(DATASET RECORDS Opens)

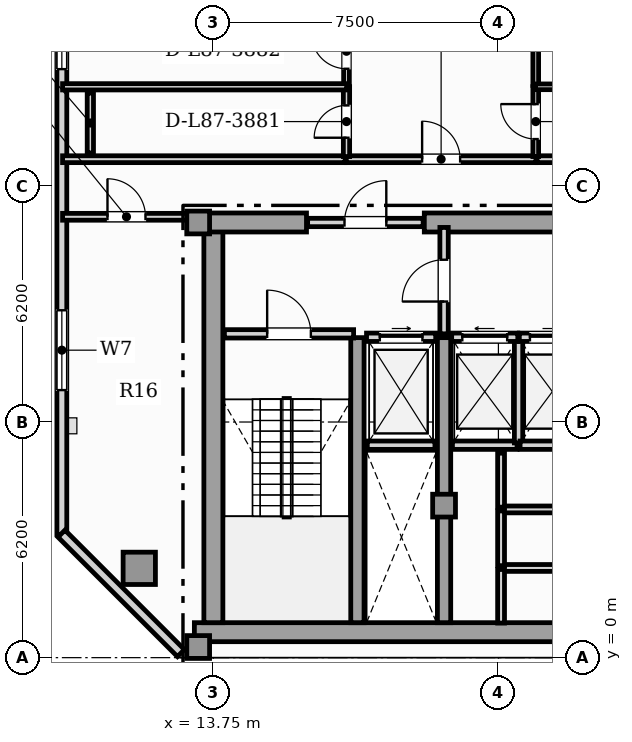
"""IFC4 building model, lengths in metres.
Left out: names, types, materials, properties, quantities, classifications, styles, units other than length and angle.
Written with IfcOpenShell. Run it as: python <this file> out.ifc"""

import sys

from ifc_helpers import new_model, si_unit, direction, frame, frame_2d, origin, origin_2d, place, context, subcontext, project, spatial, rectangle, hollow_rectangle, extrude, element, fill, save


model = new_model("IFC4")
c1 = context("Model", 3, precision=1e-05, world=origin(), true_north=direction((0.0, 1.0)))
c2 = subcontext(c1, "Body", "Model", "MODEL_VIEW")
j1 = project(units=[si_unit("LENGTHUNIT", "METRE"), si_unit("PLANEANGLEUNIT", "RADIAN")], contexts=[c1])
p1 = place(None, origin())
s1 = spatial("IfcSite", under=j1, at=p1, CompositionType="ELEMENT")
p2 = place(p1, origin())
s2 = spatial("IfcBuilding", under=s1, at=p2, CompositionType="ELEMENT")
p3 = place(p2, frame((0.0, 0.0, 353.45)))
s3 = spatial("IfcBuildingStorey", under=s2, at=p3, CompositionType="ELEMENT", Elevation=353.45)
p4 = place(p3, frame((13.25, 0.67, 0.0), z_axis=(0.0, 0.0, 1.0), x_axis=(1.0, 0.0, 0.0)))
e1 = element("IfcWall", 1, at=p4, inside=s3, PredefinedType="SHEAR", context=c2, shape_type="SweptSolid", body=[
    extrude(rectangle(XDim=31.0, YDim=0.5, at=frame_2d((15.5, 0.0))), origin(), (0.0, 0.0, 1.0), 4.14),
])
p5 = place(p3, frame((13.75, 0.92, 0.0), z_axis=(0.0, 0.0, 1.0), x_axis=(0.0, 1.0, 0.0)))
e2 = element("IfcWall", 2, at=p5, inside=s3, PredefinedType="SHEAR", context=c2, shape_type="SweptSolid", body=[
    extrude(rectangle(XDim=10.53, YDim=0.5, at=frame_2d((5.265, 0.0))), origin(), (0.0, 0.0, 1.0), 4.14),
])
p6 = place(p3, frame((13.25, 11.45, 0.0), z_axis=(0.0, 0.0, 1.0), x_axis=(1.0, 0.0, 0.0)))
e3 = element("IfcWall", 3, at=p6, inside=s3, PredefinedType="SHEAR", context=c2, shape_type="SweptSolid", body=[
    extrude(rectangle(XDim=2.95, YDim=0.5, at=frame_2d((1.475, 0.0))), origin(), (0.0, 0.0, 1.0), 4.14),
])
p7 = place(p3, frame((19.3, 11.45, 0.0), z_axis=(0.0, 0.0, 1.0), x_axis=(1.0, 0.0, 0.0)))
e4 = element("IfcWall", 4, at=p7, inside=s3, PredefinedType="SHEAR", context=c2, shape_type="SweptSolid", body=[
    extrude(rectangle(XDim=7.3, YDim=0.5, at=frame_2d((3.65, 0.0))), origin(), (0.0, 0.0, 1.0), 4.14),
])
for number, where, z_axis, x_axis in (
    (5, (17.54, 0.92, 0.0), (0.0, 0.0, 1.0), (0.0, 1.0, 0.0)),
    (6, (19.82, 0.92, 0.0), (0.0, 0.0, 1.0), (0.0, 1.0, 0.0)),
):
    element("IfcWall", number, at=place(p3, frame(where, z_axis=z_axis, x_axis=x_axis)), inside=s3, PredefinedType="SHEAR", context=c2, shape_type="SweptSolid", body=[
        extrude(rectangle(XDim=7.5, YDim=0.35, at=frame_2d((3.75, 0.0))), origin(), (0.0, 0.0, 1.0), 4.14),
    ])
for number, where, z_axis, x_axis in (
    (7, (13.35, 0.28, 0.0), (0.0, 0.0, 1.0), (1.0, 0.0, 0.0)),
    (8, (13.35, 11.45, 0.0), (0.0, 0.0, 1.0), (1.0, 0.0, 0.0)),
    (9, (19.82, 4.0, 0.0), (0.0, 0.0, 1.0), (1.0, 0.0, 0.0)),
):
    element("IfcColumn", number, at=place(p3, frame(where, z_axis=z_axis, x_axis=x_axis)), inside=s3, PredefinedType="COLUMN", context=c2, shape_type="SweptSolid", body=[
        extrude(rectangle(XDim=0.6, YDim=0.6, at=origin_2d()), origin(), (0.0, 0.0, 1.0), 4.4),
    ])
p8 = place(p3, frame((11.8, 2.35, 0.0), z_axis=(0.0, 0.0, 1.0), x_axis=(1.0, 0.0, 0.0)))
e10 = element("IfcColumn", 10, at=p8, inside=s3, PredefinedType="USERDEFINED", context=c2, shape_type="SweptSolid", body=[
    extrude(hollow_rectangle(XDim=0.85, YDim=0.85, WallThickness=0.05, at=origin_2d()), origin(), (0.0, 0.0, 1.0), 4.4),
])
p9 = place(p3, frame((9.763, 27.791, 0.0), z_axis=(0.0, 0.0, 1.0), x_axis=(0.0, -1.0, 0.0)))
e11 = element("IfcWall", 11, at=p9, inside=s3, PredefinedType="SOLIDWALL", context=c2, shape_type="SweptSolid", body=[
    extrude(rectangle(XDim=24.551, YDim=0.26, at=frame_2d((12.276, 0.0))), origin(), (0.0, 0.0, 1.0), 4.14),
])
p10 = place(p9, frame((18.651, 0.0, 0.85)))
e12 = element("IfcOpeningElement", 12, at=p10, cuts=e11, PredefinedType="OPENING", context=c2, shape_type="SweptSolid", body=[
    extrude(rectangle(XDim=2.1, YDim=2.05, at=frame_2d((1.05, 1.025))), frame((0.0, 0.14, 0.0), z_axis=(0.0, -1.0, 0.0), x_axis=(1.0, 0.0, 0.0)), (0.0, 0.0, 1.0), 0.28),
])
p11 = place(p9, frame((2.83, 0.0, 0.95)))
e13 = element("IfcOpeningElement", 13, at=p11, cuts=e11, PredefinedType="OPENING", context=c2, shape_type="SweptSolid", body=[
    extrude(rectangle(XDim=0.9, YDim=1.5, at=frame_2d((0.45, 0.75))), frame((0.0, 0.14, 0.0), z_axis=(0.0, -1.0, 0.0), x_axis=(1.0, 0.0, 0.0)), (0.0, 0.0, 1.0), 0.28),
])
p12 = place(p9, frame((11.406, 0.0, 0.95)))
e14 = element("IfcOpeningElement", 14, at=p12, cuts=e11, PredefinedType="OPENING", context=c2, shape_type="SweptSolid", body=[
    extrude(rectangle(XDim=0.9, YDim=1.5, at=frame_2d((0.45, 0.75))), frame((0.0, 0.14, 0.0), z_axis=(0.0, -1.0, 0.0), x_axis=(1.0, 0.0, 0.0)), (0.0, 0.0, 1.0), 0.28),
])
p13 = place(p9, frame((6.661, 0.0, 0.88)))
e15 = element("IfcOpeningElement", 15, at=p13, cuts=e11, PredefinedType="OPENING", context=c2, shape_type="SweptSolid", body=[
    extrude(rectangle(XDim=1.65, YDim=2.0, at=frame_2d((0.825, 1.0))), frame((0.0, 0.14, 0.0), z_axis=(0.0, -1.0, 0.0), x_axis=(1.0, 0.0, 0.0)), (0.0, 0.0, 1.0), 0.28),
])
p14 = place(p3, frame((9.753, 3.264, 0.0), z_axis=(0.0, 0.0, 1.0), x_axis=(0.707106781187, -0.707106781187, 0.0)))
e16 = element("IfcWall", 16, at=p14, inside=s3, PredefinedType="SOLIDWALL", context=c2, shape_type="SweptSolid", body=[
    extrude(rectangle(XDim=4.446, YDim=0.26, at=frame_2d((2.223, 0.0))), origin(), (0.0, 0.0, 1.0), 4.14),
])
p15 = place(p3, frame((17.8, 5.59, 0.0), z_axis=(0.0, 0.0, 1.0), x_axis=(1.0, 0.0, 0.0)))
e17 = element("IfcWall", 17, at=p15, inside=s3, PredefinedType="SOLIDWALL", context=c2, shape_type="SweptSolid", body=[
    extrude(rectangle(XDim=1.78, YDim=0.22, at=frame_2d((0.89, 0.0))), origin(), (0.0, 0.0, 1.0), 4.14),
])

(DATASET RECORDS Closes)

#### [PROBLEM TO WORK ON]
In the records above, how many lines contain the string "subcontext"? Only that number should be written.

#### [COMPLETED TASK]
2